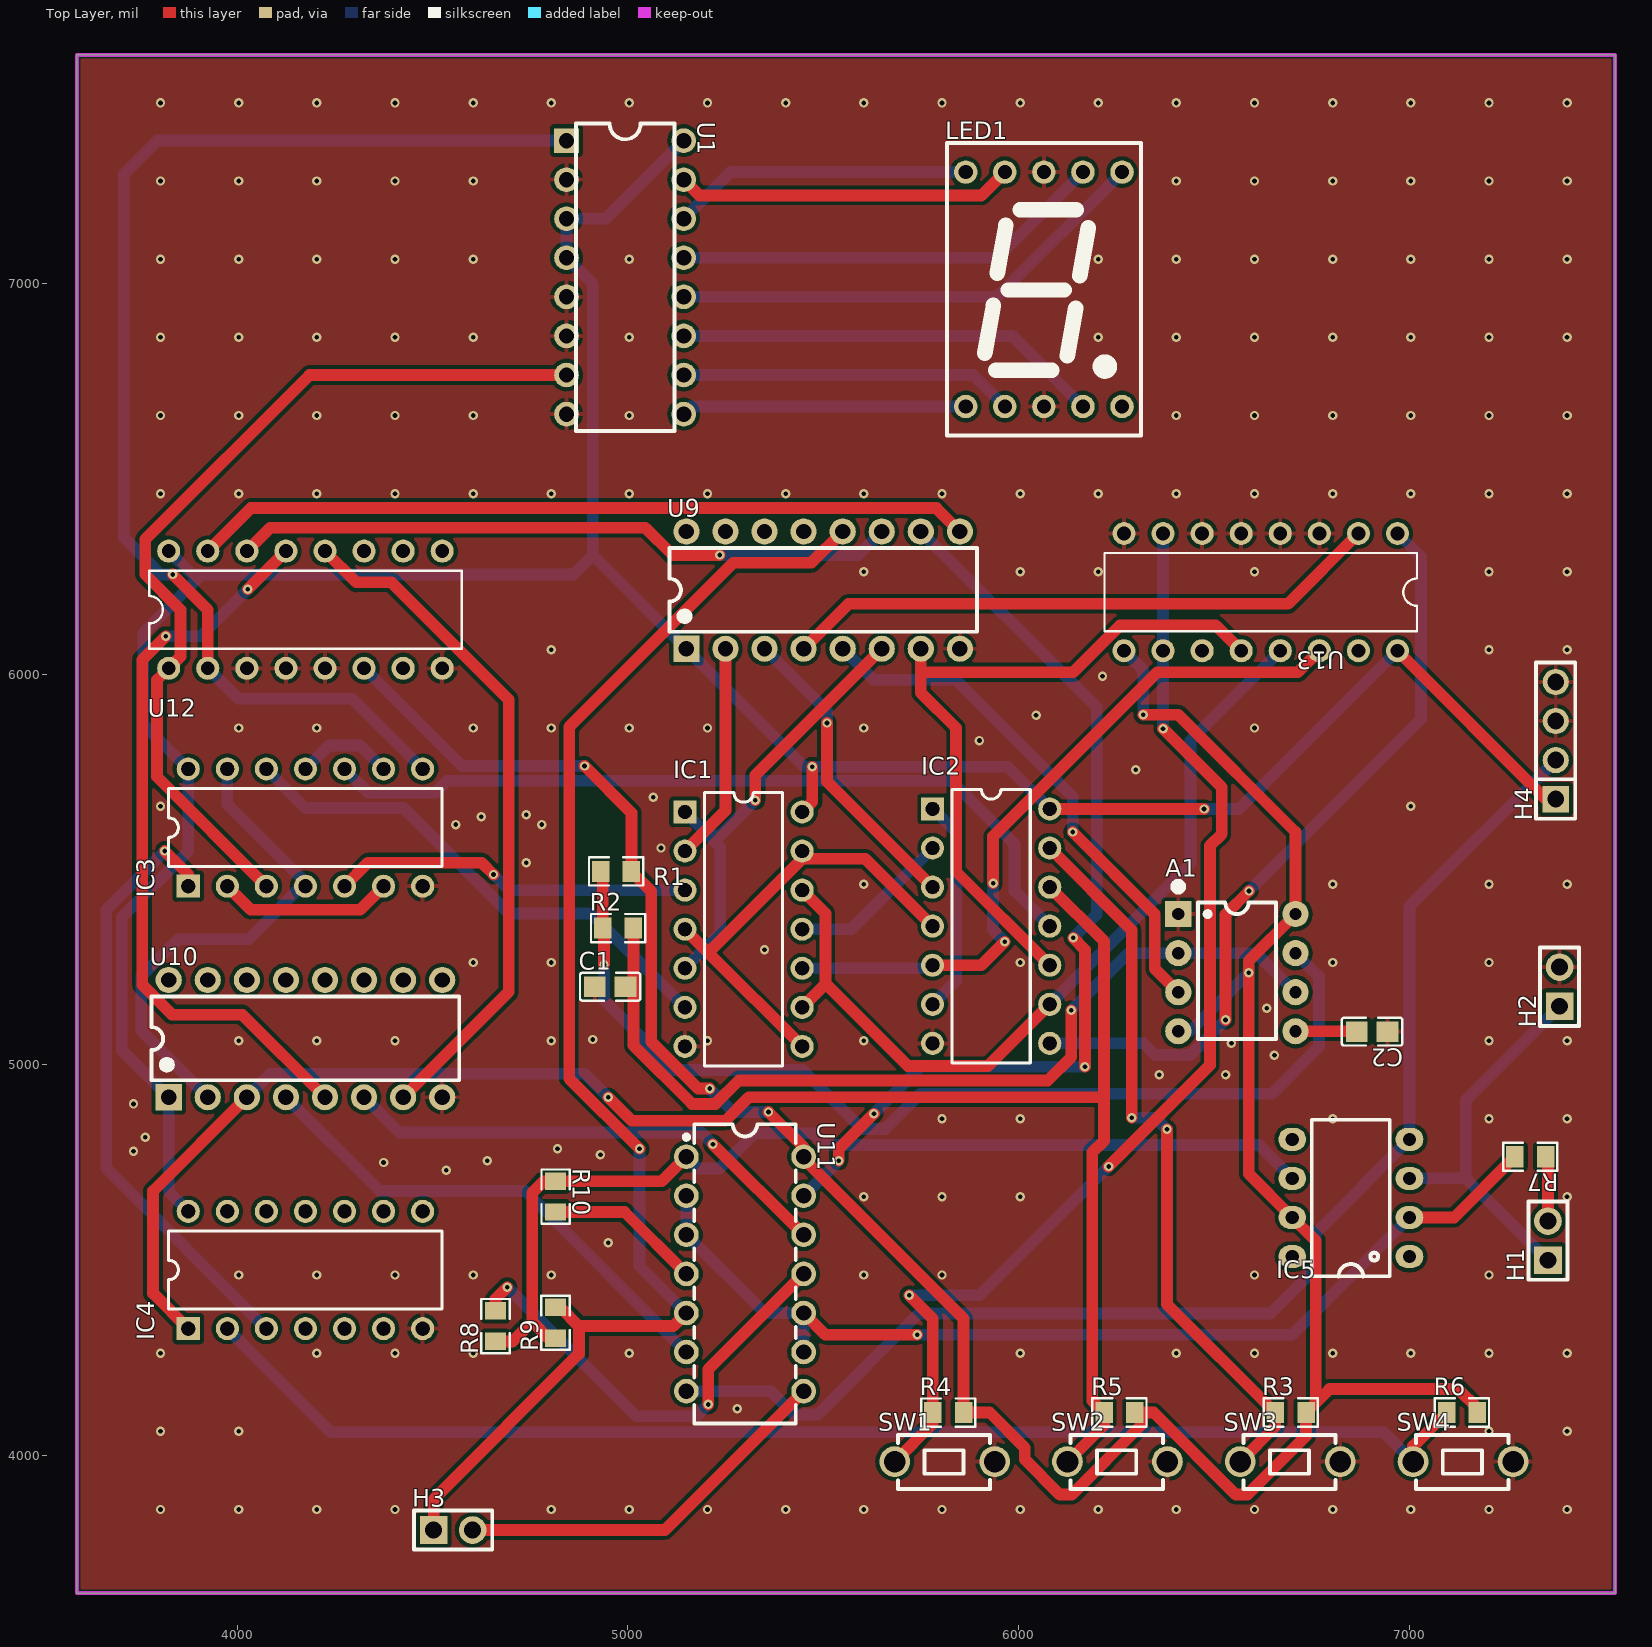
[diagram p0: Top Layer view]
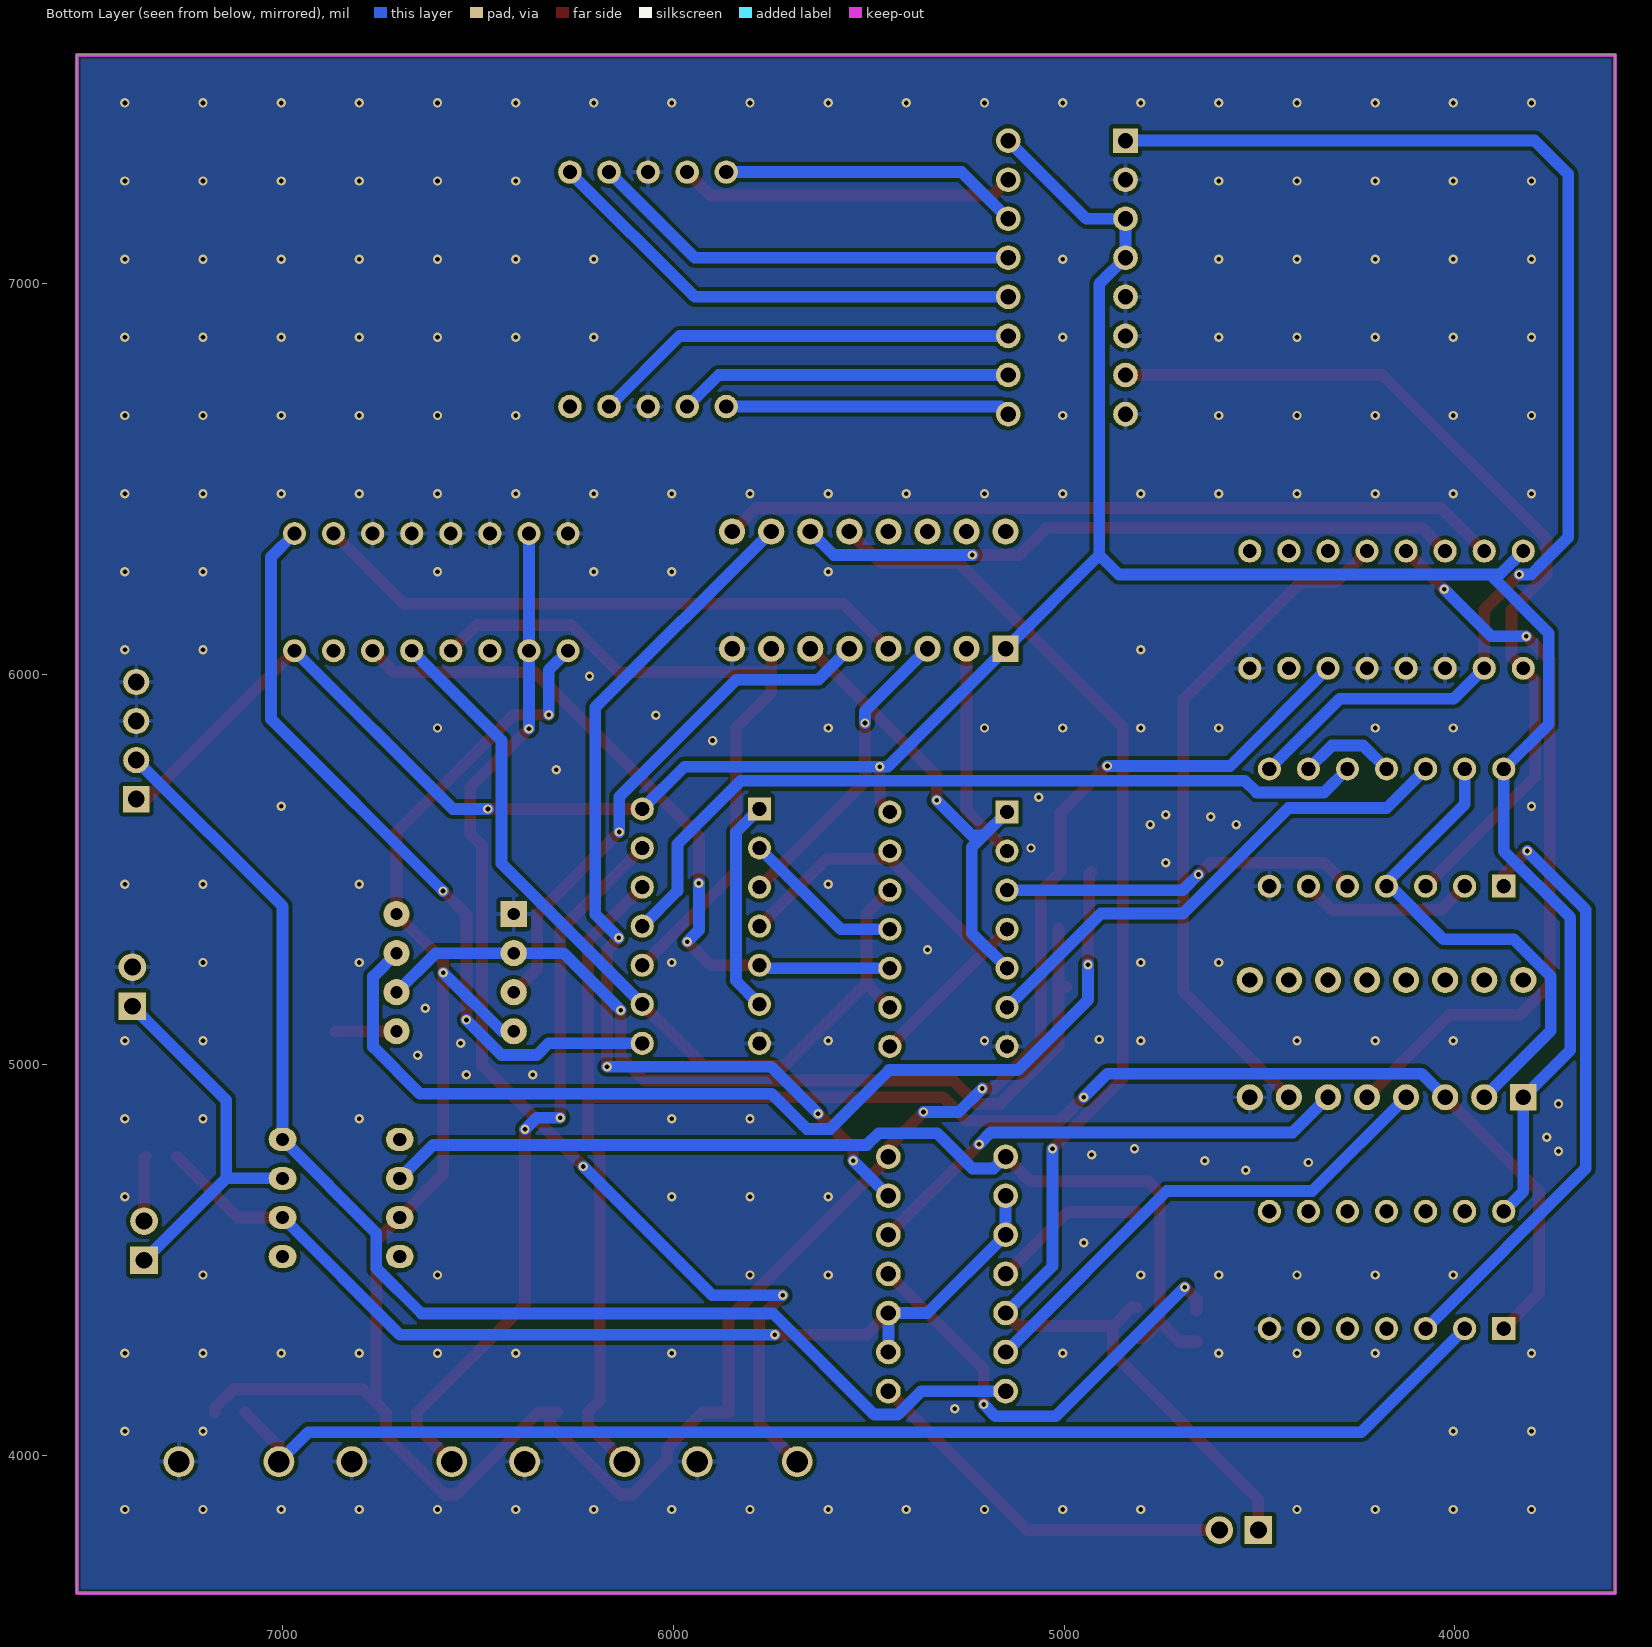
[diagram p1: Bottom Layer view, seen from below]
# Altium PCB MISC51042.pcbdoc
Units mil, origin at the board's own origin, x right, y up, seen from the top; angles counter-clockwise.
Board outline 3937.01 x 3937.01 mil, 2 copper layers (Top Layer, Bottom Layer), stack 62.206 mil thick; 33 components, 54 nets, 218 pads, 240 vias.

## Layer stack, top to bottom
Top Solder Mask Layer: solder mask 0.394, Dk 3.3
Top Layer: signal copper 1.379
Dielectric1: surface 59.449, FR4, Dk 4.5
Bottom Layer: signal copper 1.378
Bottom Solder Mask Layer: solder mask 0.394, Dk 3.3

## Board outline
3590,7585 3590,3647.99 7527.01,3647.99 7527.01,7585

## Design rules (kind name [scope] priority, off if disabled: settings)
BoardOutlineClearance copperThickness2oz_1 [All] p2 off: genericclearance=7.99 ignorepadtopadclearanceinfootprint=FALSE except(0: Arc-SplitContinuation Track-SplitContinuation SMDPad-SplitContinuation THPad-SplitContinuation Via-SplitContinuation Fill-SplitContinuation Region-SplitContinuation Poly-SplitContinuation Text-SplitContinuation Hole-SplitContinuation; 5.98: Arc-CutoutEdge SMDPad-CutoutEdge THPad-CutoutEdge Via-CutoutEdge Fill-CutoutEdge Region-CutoutEdge Text-CutoutEdge; 6.93: Hole-OutlineEdge Hole-CutoutEdge; 10: Poly-OutlineEdge Poly-CutoutEdge; 11.81: Arc-OutlineEdge Track-OutlineEdge SMDPad-OutlineEdge THPad-OutlineEdge Via-OutlineEdge Fill-OutlineEdge Region-OutlineEdge Text-OutlineEdge Track-CutoutEdge)
BoardOutlineClearance copperThickness1oz_1 [All] p4: genericclearance=4.02 ignorepadtopadclearanceinfootprint=FALSE except(0: Arc-SplitContinuation Track-SplitContinuation SMDPad-SplitContinuation THPad-SplitContinuation Via-SplitContinuation Fill-SplitContinuation Region-SplitContinuation Poly-SplitContinuation Text-SplitContinuation Hole-SplitContinuation; 6: SMDPad-CutoutEdge THPad-CutoutEdge Via-CutoutEdge Fill-CutoutEdge Region-CutoutEdge Text-CutoutEdge; 6.93: Hole-OutlineEdge Hole-CutoutEdge; 10: Poly-OutlineEdge Poly-CutoutEdge; 11.8: Arc-OutlineEdge Track-OutlineEdge SMDPad-OutlineEdge THPad-OutlineEdge Via-OutlineEdge Fill-OutlineEdge Region-OutlineEdge Text-OutlineEdge; 11.81: Arc-CutoutEdge Track-CutoutEdge)
Clearance copperThickness2oz [All] p1 off: gap=7.99 ignorepadtopadclearanceinfootprint=FALSE except(5.98: SMDPad-Track SMDPad-SMDPad THPad-Track SMDPad-THPad THPad-THPad Track-Via SMDPad-Via THPad-Via Via-Via Fill-Track Region-Track Fill-SMDPad Region-SMDPad Fill-THPad Region-THPad Fill-Via Region-Via Fill-Fill Fill-Region Region-Region Arc-Track Arc-SMDPad Arc-THPad Arc-Via Fill-Arc Region-Arc Arc-Arc Text-Track SMDPad-Text Text-THPad Text-Via Fill-Text Region-Text Arc-Text Text-Text; 6.93: Hole-Track Hole-SMDPad Hole-THPad Hole-Via Fill-Hole Region-Hole Hole-Arc Hole-Text; 10: Poly-Track Poly-SMDPad Poly-THPad Poly-Via Poly-Fill Poly-Region Poly-Poly Poly-Arc Poly-Text Poly-Hole)
Clearance copperThickness1oz [All] p3: gap=4.02 ignorepadtopadclearanceinfootprint=FALSE except(5.98: SMDPad-Track SMDPad-SMDPad THPad-Track SMDPad-THPad THPad-THPad Track-Via SMDPad-Via THPad-Via Via-Via Fill-Track Region-Track Fill-SMDPad Region-SMDPad Fill-THPad Region-THPad Fill-Via Region-Via Fill-Fill Fill-Region Region-Region; 6: Arc-Track Arc-SMDPad Arc-THPad Arc-Via Fill-Arc Region-Arc Arc-Arc Text-Track SMDPad-Text Text-THPad Text-Via Fill-Text Region-Text Arc-Text Text-Text; 6.93: Hole-Track Hole-SMDPad Hole-THPad Hole-Via Fill-Hole Region-Hole Hole-Arc Hole-Text; 10: Poly-Track Poly-SMDPad Poly-THPad Poly-Via Poly-Fill Poly-Region Poly-Poly Poly-Arc Poly-Text Poly-Hole)
Creepage creepage [All] p1: checkdistance=0 ignoreinternallayers=TRUE applytopolygonpour=TRUE
DiffPairsRouting differentialPair [All] p1: maxlimit=6 minlimit=6 mostfreqgap=6 toplayer_minwidth=5 toplayer_prefwidth=10 toplayer_maxwidth=100 toplayer_mingap=6 toplayer_prefgap=6 toplayer_maxgap=6 bottomlayer_minwidth=5 bottomlayer_prefwidth=10 bottomlayer_maxwidth=100 bottomlayer_mingap=6 bottomlayer_prefgap=6 bottomlayer_maxgap=6 maxuncoupledlength=10
HoleToHoleClearance otherClearance [All] p1: gap=11.81 allowstackedmicrovias=TRUE
Length netLength [All] p1: minlimit=0 maxlimit=0
MatchedLengths netLengthTolerance [All] p1: tolerance=1000
PasteMaskExpansion pasteMaskExpansion [All] p1: expansion=0
PlaneConnect innerPlane [All] p1: planeconnectstyle=Relief reliefexpansion=20 reliefentries=4 reliefconductorwidth=10 reliefairgap=10
PolygonConnect copperRegion [(InNet('GND'))] p1: connectstyle=Relief reliefconductorwidth=10 reliefentries=4 polygonreliefangle="90 Angle" airgapwidth=10 via.connectstyle=Relief via.reliefconductorwidth=10 via.reliefentries=4 via.polygonreliefangle="90 Angle" via.airgapwidth=10
RoutingVias viaSize [All] p1: holewidth=12.01 width=24.02 viastyle="Through Hole" minholewidth=11.81 minwidth=19.68 maxholewidth=248.03 maxwidth=393.7
SolderMaskExpansion solderMaskExpansion [IsVia] p1: expansion=-1000 istentingtop=TRUE
SolderMaskExpansion solderMaskExpansion [All] p2: expansion=2 istentingtop=FALSE
Width copperThickness2oz_2 [All] p1 off: maxlimit=100 minlimit=8 preferedwidth=10
Width copperThickness1oz_2 [All] p2: maxlimit=10 minlimit=10 preferedwidth=10 toplayer_minwidth=30 toplayer_maxwidth=100 toplayer_prefwidth=30 bottomlayer_minwidth=30 bottomlayer_maxwidth=100 bottomlayer_prefwidth=30

## Components (designator, comment, footprint, x,y, rotation, side; value= is the part's Value field where it differs from the comment)
A1 "555_VIRTUAL" 555-VIRTUAL 6559,5235.99 r0 top
C1 "10uF" C0805 4955,5200 r0 top
C2 "10nF" C0805 6905,5085 r180 top
H1 "" HDR-TH_2P-P2.54-V-M-1 7355,4550 r90 top
H2 "" HDR-TH_2P-P2.54-V-M-1 7385,5200 r90 top
H3 "" HDR-TH_2P-P2.54-V-M-1 4553.02,3809.44 r0 top
H4 "" HDR-TH_4P-P2.54-V-M 7375,5830 r90 top
IC1 "74LS00N" DIP14-300_MH 5296.32,5347.23 r0 top
IC2 "74LS00N" DIP14-300_MH 5930,5355 r0 top
IC3 "74LS00N" DIP14-300_MH 4175,5607.3 r90 top
IC4 "74LS00N" DIP14-300_MH 4175,4475 r90 top
IC5 "UA741CP" DIP8 6850.64,4659.35 r90 top
LED1 "" LED-SEG-TH_10P-L12.6-W19.0-P2.54-S15.24-BL 6065,6985 r0 top
R1 "100K" R0805 4970,5495 r180 top
R2 "20K" R0805 4975,5350 r0 top
R3 "10K" R0805 6696.67,4110.2 r0 top
R4 "10K" R0805 5820,4110 r0 top
R5 "10K" R0805 6258.33,4110.2 r0 top
R6 "10K" R0805 7135,4110.2 r0 top
R7 "10K" R0805 7310,4765 r180 top
R8 "30K" R0805 4661.38,4331.6 r90 top
R9 "20K" R0805 4815,4340 r90 top
R10 "10K" R0805 4815.12,4662.83 r270 top
SW1 "" Key_TH_3.5x6x4.3 5804.62,3984.7 r0 top
SW2 "" Key_TH_3.5x6x4.3 6246.85,3984.7 r0 top
SW3 "" Key_TH_3.5x6x4.3 6689.07,3984.7 r0 top
SW4 "" Key_TH_3.5x6x4.3 7131.29,3984.7 r0 top
U1 "" DIP-16_L19.8-W6.5-P2.54-LS7.6-BL 4993.15,7015.63 r270 top
U9 "" PDIP-16_L19.7-W6.6-P2.54-LS7.6-BL 5500,6215 r0 top
U10 "" PDIP-16_L19.7-W6.6-P2.54-LS7.6-BL 4175,5067.13 r0 top
U11 "" PDIP-14_L19.3-W6.4-P2.54-LS7.9-BL 5300,4465 r270 top
U12 "74LS138N" DIP-16_L20.32-W6.4-P2.54-LS7.6-BL 4175,6165 r0 top
U13 "74LS161DC" DIP-16_L20.32-W6.4-P2.54-LS7.6-BL 6620,6210 r180 top

## Footprints (in the part's own frame and the unit in brackets; to place one, negate y for a bottom-side part, rotate by r counter-clockwise, add the part's x,y. Pads: shape width x height; smd on the part's side, far side on the other; paste and mask are expansions set on the pad)
555-VIRTUAL [mm]
  rect 1.7x1.7 hole 0.8: 1(-3.81,3.81)
  round 1.7 hole 0.8: 2(-3.81,1.27) 3(-3.81,-1.27) 4(-3.81,-3.81) 5(3.81,-3.81) 6(3.81,-1.27) 7(3.81,1.27) 8(3.81,3.81)
  silkscreen extent -4.06,-4.32 2.54,5.84
C0805 [mm]
  rect 1.41x1.35 smd paste-100 mask+0.051: 1(-1,0) 2(1,0)
  silkscreen extent -1.96,-0.9 1.96,0.9
DIP8 [mm]
  oval 1.5x1.8 hole 0.85 paste+0 mask+0.102: 1(-3.81,-3.81) 2(-1.27,-3.81) 3(1.27,-3.81) 4(3.81,-3.81) 5(3.81,3.81) 6(1.27,3.81) 7(-1.27,3.81) 8(-3.81,3.81)
  silkscreen extent -5.1,-2.54 5.08,2.54
DIP14-300_MH [mm]
  rect 1.5x1.5 hole 0.9 slot 0.905 at 0 deg: 1(-3.81,7.62)
  round 1.5 hole 0.9 slot 0.905 at 0 deg: 2(-3.81,5.08) 3(-3.81,2.54) 4(-3.81,0) 5(-3.81,-2.54) 6(-3.81,-5.08) 7(-3.81,-7.62) 8(3.81,-7.62) 9(3.81,-5.08) 10(3.81,-2.54) 11(3.81,0) 12(3.81,2.54) 13(3.81,5.08) 14(3.81,7.62)
  silkscreen extent -2.54,-8.89 2.54,8.89
DIP-16_L19.8-W6.5-P2.54-LS7.6-BL [mm]
  rect 1.6x1.6 hole 1: 1(-8.89,-3.81)
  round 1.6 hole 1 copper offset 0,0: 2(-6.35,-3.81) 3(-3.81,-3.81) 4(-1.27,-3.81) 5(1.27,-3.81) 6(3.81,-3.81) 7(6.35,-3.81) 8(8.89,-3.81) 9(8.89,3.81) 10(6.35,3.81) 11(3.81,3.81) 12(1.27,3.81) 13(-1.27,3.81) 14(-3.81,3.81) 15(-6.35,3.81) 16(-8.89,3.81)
====================
▸ Action item: Each line of the records that contains the string "view" must be copied.

▸ Written solution:
[diagram p0: Top Layer view]
[diagram p1: Bottom Layer view, seen from below]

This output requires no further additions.